**Exercise**. Leave out every line before the one containing "p14 = place(p11, frame((20.6, 0.0, 0.0)))", and set down that line and the rest through the end of the listing exactly.
--- START ---
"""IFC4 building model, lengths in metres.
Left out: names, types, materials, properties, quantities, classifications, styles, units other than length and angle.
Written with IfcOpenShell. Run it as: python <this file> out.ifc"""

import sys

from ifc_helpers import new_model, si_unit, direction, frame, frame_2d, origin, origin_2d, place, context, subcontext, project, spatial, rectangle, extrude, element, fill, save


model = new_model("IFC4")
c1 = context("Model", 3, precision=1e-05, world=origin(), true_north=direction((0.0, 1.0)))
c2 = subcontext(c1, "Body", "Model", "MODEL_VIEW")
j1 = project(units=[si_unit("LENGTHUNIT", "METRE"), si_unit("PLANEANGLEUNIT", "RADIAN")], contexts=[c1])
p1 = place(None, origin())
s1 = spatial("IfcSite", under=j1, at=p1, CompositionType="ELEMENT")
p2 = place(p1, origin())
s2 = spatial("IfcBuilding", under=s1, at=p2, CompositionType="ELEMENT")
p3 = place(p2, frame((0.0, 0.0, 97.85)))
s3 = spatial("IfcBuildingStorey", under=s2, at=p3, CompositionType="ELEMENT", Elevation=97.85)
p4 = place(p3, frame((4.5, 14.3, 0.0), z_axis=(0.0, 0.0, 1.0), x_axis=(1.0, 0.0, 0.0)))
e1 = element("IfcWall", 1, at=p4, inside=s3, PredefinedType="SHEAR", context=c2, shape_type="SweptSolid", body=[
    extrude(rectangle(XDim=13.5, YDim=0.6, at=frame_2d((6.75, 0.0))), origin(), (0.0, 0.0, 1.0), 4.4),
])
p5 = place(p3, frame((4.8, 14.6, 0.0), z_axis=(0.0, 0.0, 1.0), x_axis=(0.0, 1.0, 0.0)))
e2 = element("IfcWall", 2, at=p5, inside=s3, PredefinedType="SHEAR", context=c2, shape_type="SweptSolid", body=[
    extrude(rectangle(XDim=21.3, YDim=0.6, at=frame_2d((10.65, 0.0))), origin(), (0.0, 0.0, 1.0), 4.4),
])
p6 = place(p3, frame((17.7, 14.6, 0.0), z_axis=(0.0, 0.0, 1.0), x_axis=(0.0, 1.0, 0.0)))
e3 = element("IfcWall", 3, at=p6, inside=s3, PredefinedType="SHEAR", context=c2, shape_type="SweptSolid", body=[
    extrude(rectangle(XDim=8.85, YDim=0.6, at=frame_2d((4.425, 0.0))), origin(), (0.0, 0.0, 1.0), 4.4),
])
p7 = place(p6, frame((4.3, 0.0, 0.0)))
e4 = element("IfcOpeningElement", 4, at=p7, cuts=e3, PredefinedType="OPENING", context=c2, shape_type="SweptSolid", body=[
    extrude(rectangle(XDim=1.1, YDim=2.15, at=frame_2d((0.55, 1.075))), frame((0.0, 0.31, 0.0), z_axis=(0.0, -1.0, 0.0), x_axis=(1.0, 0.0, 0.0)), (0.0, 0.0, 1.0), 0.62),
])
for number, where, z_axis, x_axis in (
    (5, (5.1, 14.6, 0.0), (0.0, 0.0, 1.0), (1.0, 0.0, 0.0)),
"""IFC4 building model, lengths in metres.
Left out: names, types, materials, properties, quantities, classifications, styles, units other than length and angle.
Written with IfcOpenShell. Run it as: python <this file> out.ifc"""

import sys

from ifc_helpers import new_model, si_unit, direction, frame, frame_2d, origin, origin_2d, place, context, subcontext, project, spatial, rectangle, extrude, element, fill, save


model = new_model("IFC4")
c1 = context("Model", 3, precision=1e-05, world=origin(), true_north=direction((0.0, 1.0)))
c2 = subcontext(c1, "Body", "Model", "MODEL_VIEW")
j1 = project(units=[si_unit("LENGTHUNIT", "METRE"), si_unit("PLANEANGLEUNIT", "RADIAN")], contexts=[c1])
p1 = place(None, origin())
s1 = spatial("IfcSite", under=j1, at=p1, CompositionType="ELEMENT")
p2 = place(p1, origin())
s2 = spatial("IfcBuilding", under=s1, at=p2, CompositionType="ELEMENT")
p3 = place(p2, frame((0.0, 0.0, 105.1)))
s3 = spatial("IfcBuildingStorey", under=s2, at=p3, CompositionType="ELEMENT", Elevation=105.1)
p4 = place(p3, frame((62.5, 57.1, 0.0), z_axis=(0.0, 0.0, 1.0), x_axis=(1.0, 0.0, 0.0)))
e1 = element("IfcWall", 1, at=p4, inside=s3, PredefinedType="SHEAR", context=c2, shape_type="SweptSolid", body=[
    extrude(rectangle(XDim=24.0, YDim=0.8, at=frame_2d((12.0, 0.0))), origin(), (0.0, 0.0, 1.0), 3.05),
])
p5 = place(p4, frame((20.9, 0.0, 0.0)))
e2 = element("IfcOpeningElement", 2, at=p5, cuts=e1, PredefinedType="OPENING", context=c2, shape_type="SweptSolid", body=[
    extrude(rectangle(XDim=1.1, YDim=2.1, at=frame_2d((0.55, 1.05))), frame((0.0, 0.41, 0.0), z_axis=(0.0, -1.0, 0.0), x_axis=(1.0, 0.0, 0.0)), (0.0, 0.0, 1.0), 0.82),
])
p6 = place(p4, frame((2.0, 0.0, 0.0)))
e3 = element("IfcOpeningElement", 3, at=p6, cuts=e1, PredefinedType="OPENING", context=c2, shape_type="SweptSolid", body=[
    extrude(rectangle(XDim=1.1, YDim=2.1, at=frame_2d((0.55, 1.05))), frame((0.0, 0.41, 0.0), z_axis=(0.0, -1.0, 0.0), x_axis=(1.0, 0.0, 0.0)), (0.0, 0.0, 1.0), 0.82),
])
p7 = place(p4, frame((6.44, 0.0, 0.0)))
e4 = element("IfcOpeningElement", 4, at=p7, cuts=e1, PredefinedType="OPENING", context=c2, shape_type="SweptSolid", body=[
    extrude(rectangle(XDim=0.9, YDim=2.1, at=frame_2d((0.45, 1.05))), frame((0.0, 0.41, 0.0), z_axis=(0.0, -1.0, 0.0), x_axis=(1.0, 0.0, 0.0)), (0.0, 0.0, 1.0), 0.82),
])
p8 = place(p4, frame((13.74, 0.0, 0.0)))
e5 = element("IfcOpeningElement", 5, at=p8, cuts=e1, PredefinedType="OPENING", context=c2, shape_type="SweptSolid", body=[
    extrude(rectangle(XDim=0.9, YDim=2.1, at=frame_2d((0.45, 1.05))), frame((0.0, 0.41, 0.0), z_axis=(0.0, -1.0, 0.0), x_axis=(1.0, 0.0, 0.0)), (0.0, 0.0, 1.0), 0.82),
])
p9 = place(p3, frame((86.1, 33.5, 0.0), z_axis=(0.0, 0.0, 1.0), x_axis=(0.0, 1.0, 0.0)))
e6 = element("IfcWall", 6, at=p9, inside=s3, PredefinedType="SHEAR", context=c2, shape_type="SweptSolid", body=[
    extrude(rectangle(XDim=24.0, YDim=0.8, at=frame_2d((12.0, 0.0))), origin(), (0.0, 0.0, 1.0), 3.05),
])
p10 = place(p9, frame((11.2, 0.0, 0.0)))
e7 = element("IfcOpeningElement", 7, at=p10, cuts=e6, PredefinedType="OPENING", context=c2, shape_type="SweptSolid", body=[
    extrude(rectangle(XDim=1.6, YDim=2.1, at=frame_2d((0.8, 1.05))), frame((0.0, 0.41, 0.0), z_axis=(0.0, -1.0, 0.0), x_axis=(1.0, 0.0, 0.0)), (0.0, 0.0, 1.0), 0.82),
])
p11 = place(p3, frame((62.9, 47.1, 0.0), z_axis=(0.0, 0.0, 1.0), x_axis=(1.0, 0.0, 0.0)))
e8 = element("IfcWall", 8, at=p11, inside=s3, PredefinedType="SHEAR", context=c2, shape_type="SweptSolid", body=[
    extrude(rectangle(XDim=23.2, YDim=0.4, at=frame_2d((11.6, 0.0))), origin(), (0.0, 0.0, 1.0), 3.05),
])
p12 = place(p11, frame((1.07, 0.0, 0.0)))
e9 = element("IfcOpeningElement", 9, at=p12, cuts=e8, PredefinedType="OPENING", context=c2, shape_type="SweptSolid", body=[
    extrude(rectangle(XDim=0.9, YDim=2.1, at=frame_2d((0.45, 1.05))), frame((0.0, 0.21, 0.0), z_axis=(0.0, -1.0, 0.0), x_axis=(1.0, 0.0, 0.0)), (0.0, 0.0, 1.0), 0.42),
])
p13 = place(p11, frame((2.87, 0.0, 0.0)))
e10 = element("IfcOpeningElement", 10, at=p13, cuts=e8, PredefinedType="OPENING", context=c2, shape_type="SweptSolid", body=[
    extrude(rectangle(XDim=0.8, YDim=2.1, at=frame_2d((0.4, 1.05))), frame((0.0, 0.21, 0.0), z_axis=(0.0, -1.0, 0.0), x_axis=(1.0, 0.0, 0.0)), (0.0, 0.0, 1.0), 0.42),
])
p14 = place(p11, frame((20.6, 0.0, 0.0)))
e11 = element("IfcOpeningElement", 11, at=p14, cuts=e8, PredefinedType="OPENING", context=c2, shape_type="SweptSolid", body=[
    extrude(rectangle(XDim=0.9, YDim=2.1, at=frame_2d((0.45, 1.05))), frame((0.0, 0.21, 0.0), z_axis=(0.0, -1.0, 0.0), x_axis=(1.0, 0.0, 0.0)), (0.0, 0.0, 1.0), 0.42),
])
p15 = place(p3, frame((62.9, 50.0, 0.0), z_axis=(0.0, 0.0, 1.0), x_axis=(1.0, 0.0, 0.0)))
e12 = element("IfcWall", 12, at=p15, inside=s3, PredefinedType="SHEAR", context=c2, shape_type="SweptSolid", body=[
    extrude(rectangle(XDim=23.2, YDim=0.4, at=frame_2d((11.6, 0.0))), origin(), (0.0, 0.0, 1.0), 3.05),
--- END ---
**Written solution**.
p14 = place(p11, frame((20.6, 0.0, 0.0)))
e11 = element("IfcOpeningElement", 11, at=p14, cuts=e8, PredefinedType="OPENING", context=c2, shape_type="SweptSolid", body=[
    extrude(rectangle(XDim=0.9, YDim=2.1, at=frame_2d((0.45, 1.05))), frame((0.0, 0.21, 0.0), z_axis=(0.0, -1.0, 0.0), x_axis=(1.0, 0.0, 0.0)), (0.0, 0.0, 1.0), 0.42),
])
p15 = place(p3, frame((62.9, 50.0, 0.0), z_axis=(0.0, 0.0, 1.0), x_axis=(1.0, 0.0, 0.0)))
e12 = element("IfcWall", 12, at=p15, inside=s3, PredefinedType="SHEAR", context=c2, shape_type="SweptSolid", body=[
    extrude(rectangle(XDim=23.2, YDim=0.4, at=frame_2d((11.6, 0.0))), origin(), (0.0, 0.0, 1.0), 3.05),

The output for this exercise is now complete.